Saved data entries
___

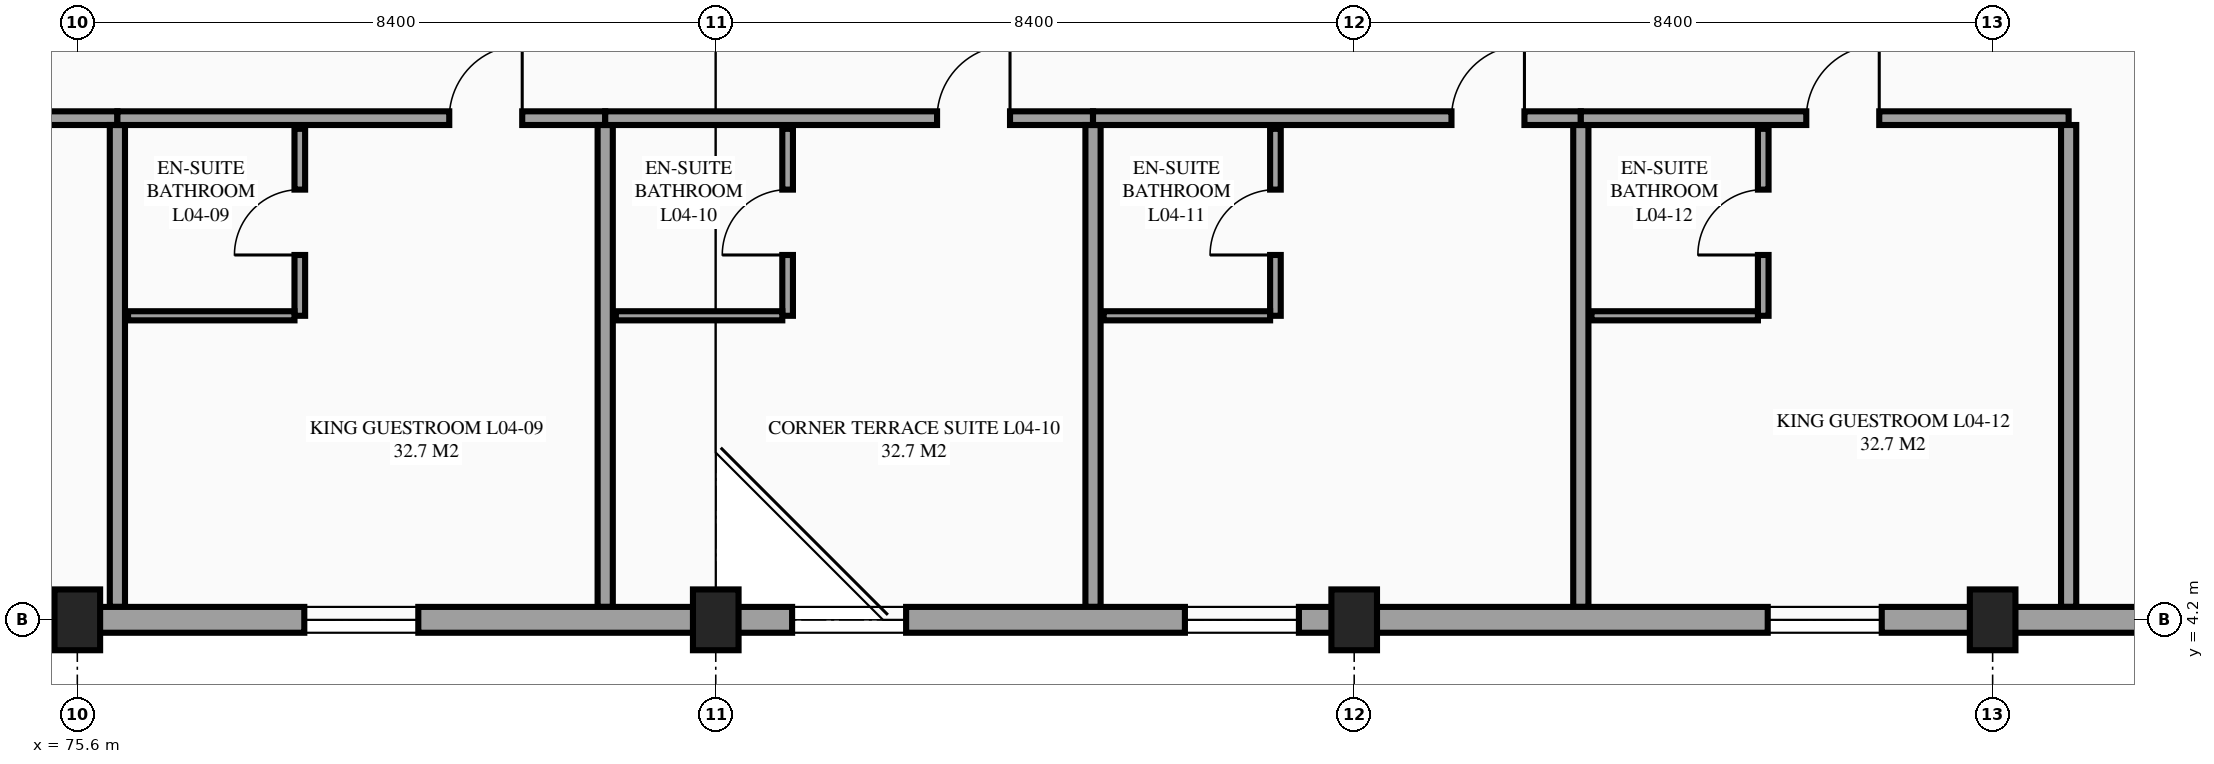
"""IFC4 building model, lengths in metres.
Left out: names, types, materials, properties, quantities, classifications, styles, units other than length and angle.
Written with IfcOpenShell. Run it as: python <this file> out.ifc"""

import sys

from ifc_helpers import new_model, si_unit, direction, frame, frame_2d, origin, origin_2d, place, context, subcontext, project, spatial, rectangle, extrude, element, fill, save


model = new_model("IFC4")
c1 = context("Model", 3, precision=1e-05, world=origin(), true_north=direction((0.0, 1.0)))
c2 = subcontext(c1, "Body", "Model", "MODEL_VIEW")
j1 = project(units=[si_unit("LENGTHUNIT", "METRE"), si_unit("PLANEANGLEUNIT", "RADIAN")], contexts=[c1])
p1 = place(None, origin())
s1 = spatial("IfcSite", under=j1, at=p1, CompositionType="ELEMENT")
p2 = place(p1, origin())
s2 = spatial("IfcBuilding", under=s1, at=p2, CompositionType="ELEMENT")
p3 = place(p2, frame((0.0, 0.0, 18.3)))
s3 = spatial("IfcBuildingStorey", under=s2, at=p3, CompositionType="ELEMENT", Elevation=18.3)
for number, where, z_axis, x_axis in (
    (1, (75.6, 4.2, 0.0), (0.0, 0.0, 1.0), (1.0, 0.0, 0.0)),
    (2, (84.0, 4.2, 0.0), (0.0, 0.0, 1.0), (1.0, 0.0, 0.0)),
    (3, (92.4, 4.2, 0.0), (0.0, 0.0, 1.0), (1.0, 0.0, 0.0)),
    (4, (100.8, 4.2, 0.0), (0.0, 0.0, 1.0), (1.0, 0.0, 0.0)),
):
    element("IfcColumn", number, at=place(p3, frame(where, z_axis=z_axis, x_axis=x_axis)), inside=s3, PredefinedType="COLUMN", context=c2, shape_type="SweptSolid", body=[
        extrude(rectangle(XDim=0.6, YDim=0.8, at=origin_2d()), origin(), (0.0, 0.0, 1.0), 3.6),
    ])
p4 = place(p3, frame((69.709, 10.8, 0.0), z_axis=(0.0, 0.0, 1.0), x_axis=(1.0, 0.0, 0.0)))
e5 = element("IfcWall", 5, at=p4, inside=s3, PredefinedType="PARTITIONING", context=c2, shape_type="SweptSolid", body=[
    extrude(rectangle(XDim=6.418, YDim=0.18, at=frame_2d((3.209, 0.0))), origin(), (0.0, 0.0, 1.0), 3.375),
])
p5 = place(p4, frame((3.666, 0.0, 0.0)))
e6 = element("IfcOpeningElement", 6, at=p5, cuts=e5, PredefinedType="OPENING", context=c2, shape_type="SweptSolid", body=[
    extrude(rectangle(XDim=0.96, YDim=2.15, at=frame_2d((0.48, 1.075))), frame((0.0, 0.1, 0.0), z_axis=(0.0, -1.0, 0.0), x_axis=(1.0, 0.0, 0.0)), (0.0, 0.0, 1.0), 0.2),
])
p6 = place(p3, frame((76.127, 4.37, 0.0), z_axis=(0.0, 0.0, 1.0), x_axis=(0.0, 1.0, 0.0)))
e7 = element("IfcWall", 7, at=p6, inside=s3, PredefinedType="PARTITIONING", context=c2, shape_type="SweptSolid", body=[
    extrude(rectangle(XDim=6.34, YDim=0.2, at=frame_2d((3.17, 0.0))), origin(), (0.0, 0.0, 1.0), 3.375),
])
p7 = place(p3, frame((76.127, 10.8, 0.0), z_axis=(0.0, 0.0, 1.0), x_axis=(1.0, 0.0, 0.0)))
e8 = element("IfcWall", 8, at=p7, inside=s3, PredefinedType="PARTITIONING", context=c2, shape_type="SweptSolid", body=[
    extrude(rectangle(XDim=6.418, YDim=0.18, at=frame_2d((3.209, 0.0))), origin(), (0.0, 0.0, 1.0), 3.375),
])
p8 = place(p7, frame((4.366, 0.0, 0.0)))
e9 = element("IfcOpeningElement", 9, at=p8, cuts=e8, PredefinedType="OPENING", context=c2, shape_type="SweptSolid", body=[
    extrude(rectangle(XDim=0.96, YDim=2.15, at=frame_2d((0.48, 1.075))), frame((0.0, 0.1, 0.0), z_axis=(0.0, -1.0, 0.0), x_axis=(1.0, 0.0, 0.0)), (0.0, 0.0, 1.0), 0.2),
])
p9 = place(p3, frame((82.545, 4.37, 0.0), z_axis=(0.0, 0.0, 1.0), x_axis=(0.0, 1.0, 0.0)))
e10 = element("IfcWall", 10, at=p9, inside=s3, PredefinedType="PARTITIONING", context=c2, shape_type="SweptSolid", body=[
    extrude(rectangle(XDim=6.34, YDim=0.2, at=frame_2d((3.17, 0.0))), origin(), (0.0, 0.0, 1.0), 3.375),
])
p10 = place(p3, frame((78.527, 8.2, 0.0), z_axis=(0.0, 0.0, 1.0), x_axis=(0.0, 1.0, 0.0)))
e11 = element("IfcWall", 11, at=p10, inside=s3, PredefinedType="PARTITIONING", context=c2, shape_type="SweptSolid", body=[
    extrude(rectangle(XDim=2.46, YDim=0.14, at=frame_2d((1.23, 0.0))), origin(), (0.0, 0.0, 1.0), 3.375),
])
p11 = place(p10, frame((0.8, 0.0, 0.0)))
e12 = element("IfcOpeningElement", 12, at=p11, cuts=e11, PredefinedType="OPENING", context=c2, shape_type="SweptSolid", body=[
    extrude(rectangle(XDim=0.86, YDim=2.1, at=frame_2d((0.43, 1.05))), frame((0.0, 0.08, 0.0), z_axis=(0.0, -1.0, 0.0), x_axis=(1.0, 0.0, 0.0)), (0.0, 0.0, 1.0), 0.16),
])
p12 = place(p3, frame((76.267, 8.2, 0.0), z_axis=(0.0, 0.0, 1.0), x_axis=(1.0, 0.0, 0.0)))
e13 = element("IfcWall", 13, at=p12, inside=s3, PredefinedType="PARTITIONING", context=c2, shape_type="SweptSolid", body=[
    extrude(rectangle(XDim=2.19, YDim=0.12, at=frame_2d((1.095, 0.0))), origin(), (0.0, 0.0, 1.0), 3.375),
])
p13 = place(p3, frame((82.545, 10.8, 0.0), z_axis=(0.0, 0.0, 1.0), x_axis=(1.0, 0.0, 0.0)))
e14 = element("IfcWall", 14, at=p13, inside=s3, PredefinedType="PARTITIONING", context=c2, shape_type="SweptSolid", body=[
    extrude(rectangle(XDim=6.418, YDim=0.18, at=frame_2d((3.209, 0.0))), origin(), (0.0, 0.0, 1.0), 3.375),
])
p14 = place(p13, frame((4.366, 0.0, 0.0)))
e15 = element("IfcOpeningElement", 15, at=p14, cuts=e14, PredefinedType="OPENING", context=c2, shape_type="SweptSolid", body=[
    extrude(rectangle(XDim=0.96, YDim=2.15, at=frame_2d((0.48, 1.075))), frame((0.0, 0.1, 0.0), z_axis=(0.0, -1.0, 0.0), x_axis=(1.0, 0.0, 0.0)), (0.0, 0.0, 1.0), 0.2),
])
p15 = place(p3, frame((88.964, 4.37, 0.0), z_axis=(0.0, 0.0, 1.0), x_axis=(0.0, 1.0, 0.0)))
e16 = element("IfcWall", 16, at=p15, inside=s3, PredefinedType="PARTITIONING", context=c2, shape_type="SweptSolid", body=[
    extrude(rectangle(XDim=6.34, YDim=0.2, at=frame_2d((3.17, 0.0))), origin(), (0.0, 0.0, 1.0), 3.375),
])
p16 = place(p3, frame((84.946, 8.2, 0.0), z_axis=(0.0, 0.0, 1.0), x_axis=(0.0, 1.0, 0.0)))
e17 = element("IfcWall", 17, at=p16, inside=s3, PredefinedType="PARTITIONING", context=c2, shape_type="SweptSolid", body=[
    extrude(rectangle(XDim=2.46, YDim=0.14, at=frame_2d((1.23, 0.0))), origin(), (0.0, 0.0, 1.0), 3.375),
])
p17 = place(p16, frame((0.8, 0.0, 0.0)))
e18 = element("IfcOpeningElement", 18, at=p17, cuts=e17, PredefinedType="OPENING", context=c2, shape_type="SweptSolid", body=[
    extrude(rectangle(XDim=0.86, YDim=2.1, at=frame_2d((0.43, 1.05))), frame((0.0, 0.08, 0.0), z_axis=(0.0, -1.0, 0.0), x_axis=(1.0, 0.0, 0.0)), (0.0, 0.0, 1.0), 0.16),
])
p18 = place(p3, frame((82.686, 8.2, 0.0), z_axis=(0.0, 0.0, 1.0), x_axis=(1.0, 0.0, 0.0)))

___

* THE TASK *
Repeat the entries above verbatim, but only from the line that has "for number, where, z_axis, x_axis" down to the line that has "p5 = place(p4, frame((3.666, 0.0, 0.0)))", inclusive.

* RESPONSE TO THIS TASK *
for number, where, z_axis, x_axis in (
    (1, (75.6, 4.2, 0.0), (0.0, 0.0, 1.0), (1.0, 0.0, 0.0)),
    (2, (84.0, 4.2, 0.0), (0.0, 0.0, 1.0), (1.0, 0.0, 0.0)),
    (3, (92.4, 4.2, 0.0), (0.0, 0.0, 1.0), (1.0, 0.0, 0.0)),
    (4, (100.8, 4.2, 0.0), (0.0, 0.0, 1.0), (1.0, 0.0, 0.0)),
):
    element("IfcColumn", number, at=place(p3, frame(where, z_axis=z_axis, x_axis=x_axis)), inside=s3, PredefinedType="COLUMN", context=c2, shape_type="SweptSolid", body=[
        extrude(rectangle(XDim=0.6, YDim=0.8, at=origin_2d()), origin(), (0.0, 0.0, 1.0), 3.6),
    ])
p4 = place(p3, frame((69.709, 10.8, 0.0), z_axis=(0.0, 0.0, 1.0), x_axis=(1.0, 0.0, 0.0)))
e5 = element("IfcWall", 5, at=p4, inside=s3, PredefinedType="PARTITIONING", context=c2, shape_type="SweptSolid", body=[
    extrude(rectangle(XDim=6.418, YDim=0.18, at=frame_2d((3.209, 0.0))), origin(), (0.0, 0.0, 1.0), 3.375),
])
p5 = place(p4, frame((3.666, 0.0, 0.0)))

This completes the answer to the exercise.